- _DATA EXCERPTS_:
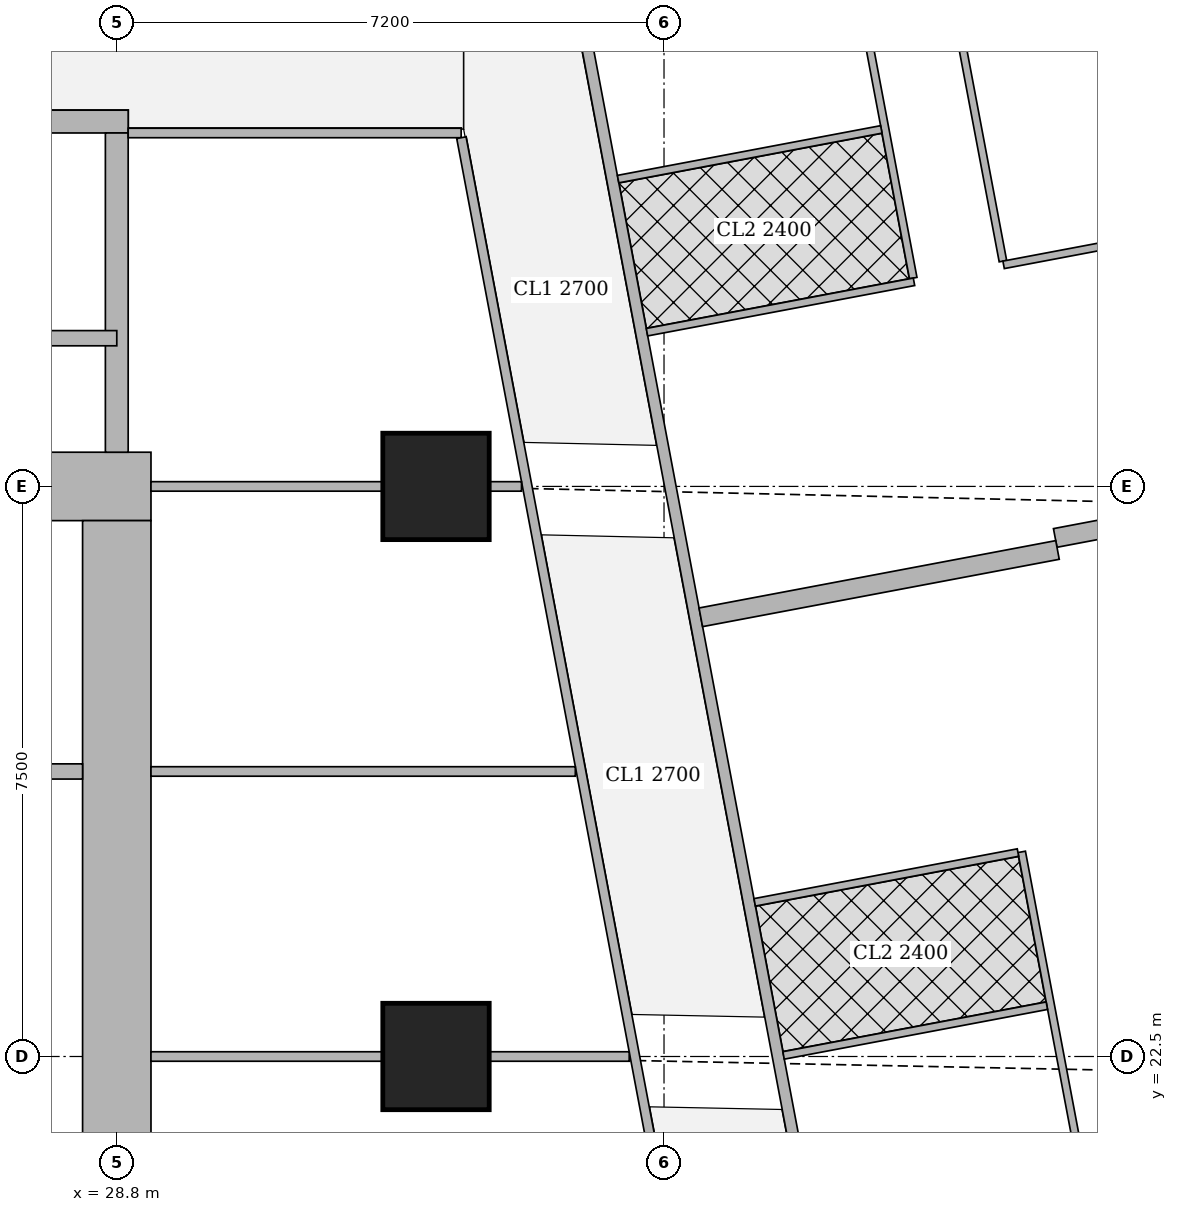
"""IFC4 building model, lengths in metres.
Left out: names, types, materials, properties, quantities, classifications, styles, units other than length and angle.
Written with IfcOpenShell. Run it as: python <this file> out.ifc"""

import sys

from ifc_helpers import new_model, si_unit, direction, frame, frame_2d, origin, origin_2d, place, context, subcontext, project, spatial, rectangle, extrude, element, fill, save


model = new_model("IFC4")
c1 = context("Model", 3, precision=1e-05, world=origin(), true_north=direction((0.0, 1.0)))
c2 = subcontext(c1, "Body", "Model", "MODEL_VIEW")
j1 = project(units=[si_unit("LENGTHUNIT", "METRE"), si_unit("PLANEANGLEUNIT", "RADIAN")], contexts=[c1])
p1 = place(None, origin())
s1 = spatial("IfcSite", under=j1, at=p1, CompositionType="ELEMENT")
p2 = place(p1, origin())
s2 = spatial("IfcBuilding", under=s1, at=p2, CompositionType="ELEMENT")
p3 = place(p2, frame((0.0, 0.0, 204.95)))
s3 = spatial("IfcBuildingStorey", under=s2, at=p3, CompositionType="ELEMENT", Elevation=204.95)
for number, where, z_axis, x_axis in (
    (1, (33.0, 22.5, 0.0), (0.0, 0.0, 1.0), (1.0, 0.0, 0.0)),
    (2, (33.0, 30.0, 0.0), (0.0, 0.0, 1.0), (1.0, 0.0, 0.0)),
):
    element("IfcColumn", number, at=place(p3, frame(where, z_axis=z_axis, x_axis=x_axis)), inside=s3, PredefinedType="COLUMN", context=c2, shape_type="SweptSolid", body=[
        extrude(rectangle(XDim=1.4, YDim=1.4, at=origin_2d()), origin(), (0.0, 0.0, 1.0), 3.75),
    ])
p4 = place(p3, frame((13.95, 30.0, 0.0), z_axis=(0.0, 0.0, 1.0), x_axis=(1.0, 0.0, 0.0)))
e3 = element("IfcWall", 3, at=p4, inside=s3, PredefinedType="SHEAR", context=c2, shape_type="SweptSolid", body=[
    extrude(rectangle(XDim=15.3, YDim=0.9, at=frame_2d((7.65, 0.0))), origin(), (0.0, 0.0, 1.0), 3.75),
])
p5 = place(p4, frame((4.45, 0.0, 0.0)))
e4 = element("IfcOpeningElement", 4, at=p5, cuts=e3, PredefinedType="OPENING", context=c2, shape_type="SweptSolid", body=[
    extrude(rectangle(XDim=1.8, YDim=2.1, at=frame_2d((0.9, 1.05))), frame((0.0, 0.46, 0.0), z_axis=(0.0, -1.0, 0.0), x_axis=(1.0, 0.0, 0.0)), (0.0, 0.0, 1.0), 0.92),
])
p6 = place(p4, frame((10.7, 0.0, 0.0)))
e5 = element("IfcOpeningElement", 5, at=p6, cuts=e3, PredefinedType="OPENING", context=c2, shape_type="SweptSolid", body=[
    extrude(rectangle(XDim=1.1, YDim=2.1, at=frame_2d((0.55, 1.05))), frame((0.0, 0.46, 0.0), z_axis=(0.0, -1.0, 0.0), x_axis=(1.0, 0.0, 0.0)), (0.0, 0.0, 1.0), 0.92),
])
p7 = place(p3, frame((28.8, 15.45, 0.0), z_axis=(0.0, 0.0, 1.0), x_axis=(0.0, 1.0, 0.0)))
e6 = element("IfcWall", 6, at=p7, inside=s3, PredefinedType="SHEAR", context=c2, shape_type="SweptSolid", body=[
    extrude(rectangle(XDim=14.1, YDim=0.9, at=frame_2d((7.05, 0.0))), origin(), (0.0, 0.0, 1.0), 3.75),
])
p8 = place(p3, frame((21.45, 34.8, 0.0), z_axis=(0.0, 0.0, 1.0), x_axis=(1.0, 0.0, 0.0)))
e7 = element("IfcWall", 7, at=p8, inside=s3, PredefinedType="SHEAR", context=c2, shape_type="SweptSolid", body=[
    extrude(rectangle(XDim=7.5, YDim=0.3, at=frame_2d((3.75, 0.0))), origin(), (0.0, 0.0, 1.0), 3.75),
])
p9 = place(p8, frame((0.5, 0.0, 0.0)))
e8 = element("IfcOpeningElement", 8, at=p9, cuts=e7, PredefinedType="OPENING", context=c2, shape_type="SweptSolid", body=[
    extrude(rectangle(XDim=1.1, YDim=2.1, at=frame_2d((0.55, 1.05))), frame((0.0, 0.16, 0.0), z_axis=(0.0, -1.0, 0.0), x_axis=(1.0, 0.0, 0.0)), (0.0, 0.0, 1.0), 0.32),
])
p10 = place(p3, frame((28.8, 30.45, 0.0), z_axis=(0.0, 0.0, 1.0), x_axis=(0.0, 1.0, 0.0)))
e9 = element("IfcWall", 9, at=p10, inside=s3, PredefinedType="SHEAR", context=c2, shape_type="SweptSolid", body=[
    extrude(rectangle(XDim=4.2, YDim=0.3, at=frame_2d((2.1, 0.0))), origin(), (0.0, 0.0, 1.0), 3.75),
])
p11 = place(p3, frame((33.68, 42.723, 0.0), z_axis=(0.0, 0.0, 1.0), x_axis=(0.185601160014, -0.982625162207, 0.0)))
e10 = element("IfcWall", 10, at=p11, inside=s3, PredefinedType="SOLIDWALL", context=c2, shape_type="SweptSolid", body=[
    extrude(rectangle(XDim=41.051, YDim=0.15, at=frame_2d((20.526, 0.0))), origin(), (0.0, 0.0, 1.0), 2.5),
])
p12 = place(p11, frame((12.307, 0.0, 0.0)))
e11 = element("IfcOpeningElement", 11, at=p12, cuts=e10, PredefinedType="OPENING", context=c2, shape_type="SweptSolid", body=[
    extrude(rectangle(XDim=1.0, YDim=2.1, at=frame_2d((0.5, 1.05))), frame((0.0, 0.085, 0.0), z_axis=(0.0, -1.0, 0.0), x_axis=(1.0, 0.0, 0.0)), (0.0, 0.0, 1.0), 0.17),
])
p13 = place(p11, frame((16.123, 0.0, 0.0)))
e12 = element("IfcOpeningElement", 12, at=p13, cuts=e10, PredefinedType="OPENING", context=c2, shape_type="SweptSolid", body=[
    extrude(rectangle(XDim=1.0, YDim=2.1, at=frame_2d((0.5, 1.05))), frame((0.0, 0.085, 0.0), z_axis=(0.0, -1.0, 0.0), x_axis=(1.0, 0.0, 0.0)), (0.0, 0.0, 1.0), 0.17),
])
p14 = place(p11, frame((30.902, 0.0, 0.0)))
e13 = element("IfcOpeningElement", 13, at=p14, cuts=e10, PredefinedType="OPENING", context=c2, shape_type="SweptSolid", body=[
    extrude(rectangle(XDim=1.0, YDim=2.1, at=frame_2d((0.5, 1.05))), frame((0.0, 0.085, 0.0), z_axis=(0.0, -1.0, 0.0), x_axis=(1.0, 0.0, 0.0)), (0.0, 0.0, 1.0), 0.17),
])
p15 = place(p3, frame((38.764, 41.941, 0.0), z_axis=(0.0, 0.0, 1.0), x_axis=(0.185548572312, -0.982635093671, 0.0)))
e14 = element("IfcWall", 14, at=p15, inside=s3, PredefinedType="PARTITIONING", context=c2, shape_type="SweptSolid", body=[
    extrude(rectangle(XDim=9.135, YDim=0.1, at=frame_2d((4.568, 0.0))), origin(), (0.0, 0.0, 1.0), 3.5),
])
p16 = place(p15, frame((8.085, 0.0, 0.0)))
e15 = element("IfcOpeningElement", 15, at=p16, cuts=e14, PredefinedType="OPENING", context=c2, shape_type="SweptSolid", body=[
    extrude(rectangle(XDim=0.9, YDim=2.1, at=frame_2d((0.45, 1.05))), frame((0.0, 0.06, 0.0), z_axis=(0.0, -1.0, 0.0), x_axis=(1.0, 0.0, 0.0)), (0.0, 0.0, 1.0), 0.12),
])
p17 = place(p15, frame((3.7, 0.0, 0.0)))
e16 = element("IfcOpeningElement", 16, at=p17, cuts=e14, PredefinedType="OPENING", context=c2, shape_type="SweptSolid", body=[
    extrude(rectangle(XDim=0.9, YDim=2.1, at=frame_2d((0.45, 1.05))), frame((0.0, 0.06, 0.0), z_axis=(0.0, -1.0, 0.0), x_axis=(1.0, 0.0, 0.0)), (0.0, 0.0, 1.0), 0.12),
])
p18 = place(p3, frame((37.473, 42.309, 0.0), z_axis=(0.0, 0.0, 1.0), x_axis=(0.185491912953, -0.982645790827, 0.0)))
e17 = element("IfcWall", 17, at=p18, inside=s3, PredefinedType="PARTITIONING", context=c2, shape_type="SweptSolid", body=[
    extrude(rectangle(XDim=9.737, YDim=0.1, at=frame_2d((4.869, 0.0))), origin(), (0.0, 0.0, 1.0), 3.5),
])
p19 = place(p18, frame((8.312, 0.0, 0.0)))
e18 = element("IfcOpeningElement", 18, at=p19, cuts=e17, PredefinedType="OPENING", context=c2, shape_type="SweptSolid", body=[
    extrude(rectangle(XDim=0.9, YDim=2.1, at=frame_2d((0.45, 1.05))), frame((0.0, 0.06, 0.0), z_axis=(0.0, -1.0, 0.0), x_axis=(1.0, 0.0, 0.0)), (0.0, 0.0, 1.0), 0.12),
])
p20 = place(p18, frame((2.853, 0.0, 0.0)))
e19 = element("IfcOpeningElement", 19, at=p20, cuts=e17, PredefinedType="OPENING", context=c2, shape_type="SweptSolid", body=[
    extrude(rectangle(XDim=0.9, YDim=2.1, at=frame_2d((0.45, 1.05))), frame((0.0, 0.06, 0.0), z_axis=(0.0, -1.0, 0.0), x_axis=(1.0, 0.0, 0.0)), (0.0, 0.0, 1.0), 0.12),
])
p21 = place(p18, frame((5.644, 0.0, 0.0)))
e20 = element("IfcOpeningElement", 20, at=p21, cuts=e17, PredefinedType="OPENING", context=c2, shape_type="SweptSolid", body=[
    extrude(rectangle(XDim=0.9, YDim=2.1, at=frame_2d((0.45, 1.05))), frame((0.0, 0.06, 0.0), z_axis=(0.0, -1.0, 0.0), x_axis=(1.0, 0.0, 0.0)), (0.0, 0.0, 1.0), 0.12),
])
p22 = place(p3, frame((44.693, 33.713, 0.0), z_axis=(0.0, 0.0, 1.0), x_axis=(-0.982633535512, -0.185556823879, 0.0)))
e21 = element("IfcWall", 21, at=p22, inside=s3, PredefinedType="PARTITIONING", context=c2, shape_type="SweptSolid", body=[
    extrude(rectangle(XDim=4.3, YDim=0.1, at=frame_2d((2.15, 0.0))), origin(), (0.0, 0.0, 1.0), 2.05),
])
p23 = place(p3, frame((39.289, 32.692, 0.0), z_axis=(0.0, 0.0, 1.0), x_axis=(-0.982662827464, -0.185401638399, 0.0)))
e22 = element("IfcWall", 22, at=p23, inside=s3, PredefinedType="PARTITIONING", context=c2, shape_type="SweptSolid", body=[
    extrude(rectangle(XDim=3.575, YDim=0.1, at=frame_2d((1.788, 0.0))), origin(), (0.0, 0.0, 1.0), 3.5),
])
p24 = place(p3, frame((38.859, 34.697, 0.0), z_axis=(0.0, 0.0, 1.0), x_axis=(-0.982626628545, -0.185593396635, 0.0)))
e23 = element("IfcWall", 23, at=p24, inside=s3, PredefinedType="PARTITIONING", context=c2, shape_type="SweptSolid", body=[
    extrude(rectangle(XDim=3.524, YDim=0.1, at=frame_2d((1.762, 0.0))), origin(), (0.0, 0.0, 1.0), 3.5),
])
p25 = place(p3, frame((40.706, 25.192, 0.0), z_axis=(0.0, 0.0, 1.0), x_axis=(0.185629824463, -0.982619747547, 0.0)))
e24 = element("IfcWall", 24, at=p25, inside=s3, PredefinedType="PARTITIONING", context=c2, shape_type="SweptSolid", body=[
    extrude(rectangle(XDim=9.659, YDim=0.1, at=frame_2d((4.83, 0.0))), origin(), (0.0, 0.0, 1.0), 2.5),
])
p26 = place(p25, frame((0.575, 0.0, 0.0)))
e25 = element("IfcOpeningElement", 25, at=p26, cuts=e24, PredefinedType="OPENING", context=c2, shape_type="SweptSolid", body=[
    extrude(rectangle(XDim=0.9, YDim=2.1, at=frame_2d((0.45, 1.05))), frame((0.0, 0.06, 0.0), z_axis=(0.0, -1.0, 0.0), x_axis=(1.0, 0.0, 0.0)), (0.0, 0.0, 1.0), 0.12),
])
p27 = place(p25, frame((4.166, 0.0, 0.0)))
e26 = element("IfcOpeningElement", 26, at=p27, cuts=e24, PredefinedType="OPENING", context=c2, shape_type="SweptSolid", body=[
    extrude(rectangle(XDim=0.9, YDim=2.1, at=frame_2d((0.45, 1.05))), frame((0.0, 0.06, 0.0), z_axis=(0.0, -1.0, 0.0), x_axis=(1.0, 0.0, 0.0)), (0.0, 0.0, 1.0), 0.12),
])
p28 = place(p25, frame((2.483, 0.0, 0.0)))
e27 = element("IfcOpeningElement", 27, at=p28, cuts=e24, PredefinedType="OPENING", context=c2, shape_type="SweptSolid", body=[
    extrude(rectangle(XDim=0.9, YDim=2.1, at=frame_2d((0.45, 1.05))), frame((0.0, 0.06, 0.0), z_axis=(0.0, -1.0, 0.0), x_axis=(1.0, 0.0, 0.0)), (0.0, 0.0, 1.0), 0.12),
])
p29 = place(p25, frame((6.074, 0.0, 0.0)))
e28 = element("IfcOpeningElement", 28, at=p29, cuts=e24, PredefinedType="OPENING", context=c2, shape_type="SweptSolid", body=[
    extrude(rectangle(XDim=0.9, YDim=2.1, at=frame_2d((0.45, 1.05))), frame((0.0, 0.06, 0.0), z_axis=(0.0, -1.0, 0.0), x_axis=(1.0, 0.0, 0.0)), (0.0, 0.0, 1.0), 0.12),
])
p30 = place(p3, frame((40.657, 25.183, 0.0), z_axis=(0.0, 0.0, 1.0), x_axis=(-0.982585626838, -0.185810349366, 0.0)))
e29 = element("IfcWall", 29, at=p30, inside=s3, PredefinedType="PARTITIONING", context=c2, shape_type="SweptSolid", body=[
    extrude(rectangle(XDim=3.525, YDim=0.1, at=frame_2d((1.763, 0.0))), origin(), (0.0, 0.0, 1.0), 3.5),
])
p31 = place(p3, frame((41.037, 23.168, 0.0), z_axis=(0.0, 0.0, 1.0), x_axis=(-0.982638553676, -0.185530247748, 0.0)))
e30 = element("IfcWall", 30, at=p31, inside=s3, PredefinedType="PARTITIONING", context=c2, shape_type="SweptSolid", body=[
    extrude(rectangle(XDim=3.525, YDim=0.1, at=frame_2d((1.763, 0.0))), origin(), (0.0, 0.0, 1.0), 2.5),
])
p32 = place(p3, frame((42.256, 29.532, 0.0), z_axis=(0.0, 0.0, 1.0), x_axis=(-0.982549954272, -0.185998890749, 0.0)))
e31 = element("IfcWall", 31, at=p32, inside=s3, PredefinedType="SOLIDWALL", context=c2, shape_type="SweptSolid", body=[
    extrude(rectangle(XDim=1.129, YDim=0.25, at=frame_2d((0.564, 0.0))), origin(), (0.0, 0.0, 1.0), 2.05),
])
p33 = place(p3, frame((41.177, 29.164, 0.0), z_axis=(0.0, 0.0, 1.0), x_axis=(-0.982642846239, -0.185507511263, 0.0)))
e32 = element("IfcWall", 32, at=p33, inside=s3, PredefinedType="SOLIDWALL", context=c2, shape_type="SweptSolid", body=[
    extrude(rectangle(XDim=4.776, YDim=0.25, at=frame_2d((2.388, 0.0))), origin(), (0.0, 0.0, 1.0), 2.5),
])
p34 = place(p3, frame((28.95, 34.65, 0.0), z_axis=(0.0, 0.0, 1.0), x_axis=(1.0, 0.0, 0.0)))
e33 = element("IfcWall", 33, at=p34, inside=s3, PredefinedType="PARTITIONING", context=c2, shape_type="SweptSolid", body=[
    extrude(rectangle(XDim=4.381, YDim=0.125, at=frame_2d((2.19, 0.0))), origin(), (0.0, 0.0, 1.0), 3.5),
])
p35 = place(p3, frame((37.9, 10.413, 0.0), z_axis=(0.0, 0.0, 1.0), x_axis=(-0.185589740669, 0.982627319058, 0.0)))
e34 = element("IfcWall", 34, at=p35, inside=s3, PredefinedType="PARTITIONING", context=c2, shape_type="SweptSolid", body=[
    extrude(rectangle(XDim=24.602, YDim=0.125, at=frame_2d((12.301, 0.0))), origin(), (0.0, 0.0, 1.0), 2.5),
])
p36 = place(p35, frame((0.708, 0.0, 0.0)))
e35 = element("IfcOpeningElement", 35, at=p36, cuts=e34, PredefinedType="OPENING", context=c2, shape_type="SweptSolid", body=[
    extrude(rectangle(XDim=1.0, YDim=2.1, at=frame_2d((0.5, 1.05))), frame((0.0, 0.073, 0.0), z_axis=(0.0, -1.0, 0.0), x_axis=(1.0, 0.0, 0.0)), (0.0, 0.0, 1.0), 0.145),
])
p37 = place(p35, frame((5.65, 0.0, 0.0)))
e36 = element("IfcOpeningElement", 36, at=p37, cuts=e34, PredefinedType="OPENING", context=c2, shape_type="SweptSolid", body=[
    extrude(rectangle(XDim=1.0, YDim=2.1, at=frame_2d((0.5, 1.05))), frame((0.0, 0.073, 0.0), z_axis=(0.0, -1.0, 0.0), x_axis=(1.0, 0.0, 0.0)), (0.0, 0.0, 1.0), 0.145),
])
p38 = place(p35, frame((13.124, 0.0, 0.0)))
e37 = element("IfcOpeningElement", 37, at=p38, cuts=e34, PredefinedType="OPENING", context=c2, shape_type="SweptSolid", body=[
    extrude(rectangle(XDim=1.0, YDim=2.1, at=frame_2d((0.5, 1.05))), frame((0.0, 0.073, 0.0), z_axis=(0.0, -1.0, 0.0), x_axis=(1.0, 0.0, 0.0)), (0.0, 0.0, 1.0), 0.145),
])
p39 = place(p35, frame((16.94, 0.0, 0.0)))
e38 = element("IfcOpeningElement", 38, at=p39, cuts=e34, PredefinedType="OPENING", context=c2, shape_type="SweptSolid", body=[
    extrude(rectangle(XDim=1.0, YDim=2.1, at=frame_2d((0.5, 1.05))), frame((0.0, 0.073, 0.0), z_axis=(0.0, -1.0, 0.0), x_axis=(1.0, 0.0, 0.0)), (0.0, 0.0, 1.0), 0.145),
])
p40 = place(p35, frame((20.9, 0.0, 0.0)))
e39 = element("IfcOpeningElement", 39, at=p40, cuts=e34, PredefinedType="OPENING", context=c2, shape_type="SweptSolid", body=[
    extrude(rectangle(XDim=1.0, YDim=2.1, at=frame_2d((0.5, 1.05))), frame((0.0, 0.073, 0.0), z_axis=(0.0, -1.0, 0.0), x_axis=(1.0, 0.0, 0.0)), (0.0, 0.0, 1.0), 0.145),
])
p41 = place(p3, frame((29.25, 22.5, 0.0), z_axis=(0.0, 0.0, 1.0), x_axis=(1.0, 0.0, 0.0)))
e40 = element("IfcWall", 40, at=p41, inside=s3, PredefinedType="PARTITIONING", context=c2, shape_type="SweptSolid", body=[
    extrude(rectangle(XDim=3.049, YDim=0.125, at=frame_2d((1.524, 0.0))), origin(), (0.0, 0.0, 1.0), 3.5),
])
p42 = place(p3, frame((33.701, 22.5, 0.0), z_axis=(0.0, 0.0, 1.0), x_axis=(1.0, 0.0, 0.0)))
e41 = element("IfcWall", 41, at=p42, inside=s3, PredefinedType="PARTITIONING", context=c2, shape_type="SweptSolid", body=[
    extrude(rectangle(XDim=1.841, YDim=0.125, at=frame_2d((0.92, 0.0))), origin(), (0.0, 0.0, 1.0), 2.5),
])
p43 = place(p3, frame((29.25, 26.25, 0.0), z_axis=(0.0, 0.0, 1.0), x_axis=(1.0, 0.0, 0.0)))
e42 = element("IfcWall", 42, at=p43, inside=s3, PredefinedType="PARTITIONING", context=c2, shape_type="SweptSolid", body=[
    extrude(rectangle(XDim=5.583, YDim=0.125, at=frame_2d((2.792, 0.0))), origin(), (0.0, 0.0, 1.0), 3.5),
])
p44 = place(p3, frame((29.25, 30.0, 0.0), z_axis=(0.0, 0.0, 1.0), x_axis=(1.0, 0.0, 0.0)))
e43 = element("IfcWall", 43, at=p44, inside=s3, PredefinedType="PARTITIONING", context=c2, shape_type="SweptSolid", body=[
    extrude(rectangle(XDim=3.049, YDim=0.125, at=frame_2d((1.524, 0.0))), origin(), (0.0, 0.0, 1.0), 3.5),
])
p45 = place(p3, frame((33.701, 30.0, 0.0), z_axis=(0.0, 0.0, 1.0), x_axis=(1.0, 0.0, 0.0)))
e44 = element("IfcWall", 44, at=p45, inside=s3, PredefinedType="PARTITIONING", context=c2, shape_type="SweptSolid", body=[
    extrude(rectangle(XDim=0.424, YDim=0.125, at=frame_2d((0.212, 0.0))), origin(), (0.0, 0.0, 1.0), 2.5),
])
p46 = place(p3, frame((23.0, 31.95, 0.0), z_axis=(0.0, 0.0, 1.0), x_axis=(1.0, 0.0, 0.0)))
e45 = element("IfcWall", 45, at=p46, inside=s3, PredefinedType="SHEAR", context=c2, shape_type="SweptSolid", body=[
    extrude(rectangle(XDim=5.8, YDim=0.2, at=frame_2d((2.9, 0.0))), origin(), (0.0, 0.0, 1.0), 3.75),
])
p47 = place(p3, frame((27.4, 26.25, 0.0), z_axis=(0.0, 0.0, 1.0), x_axis=(1.0, 0.0, 0.0)))
e46 = element("IfcWall", 46, at=p47, inside=s3, PredefinedType="SOLIDWALL", context=c2, shape_type="SweptSolid", body=[
    extrude(rectangle(XDim=0.95, YDim=0.2, at=frame_2d((0.475, 0.0))), origin(), (0.0, 0.0, 1.0), 3.5),
])
p48 = place(p16, origin())
e47 = element("IfcDoor", 47, at=p48, inside=s3, OperationType="SINGLE_SWING_RIGHT", PredefinedType="DOOR", context=c2, shape_type="SweptSolid", body=[
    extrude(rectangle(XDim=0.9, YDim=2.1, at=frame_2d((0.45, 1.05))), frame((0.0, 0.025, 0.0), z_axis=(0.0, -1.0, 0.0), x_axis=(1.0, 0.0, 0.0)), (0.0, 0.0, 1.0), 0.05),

- _WORK TASK_:
Counting only lines that contain the string "import", say how many appear in the listing above, with the number as the entire reply.

- _WRITTEN ANSWER_:
2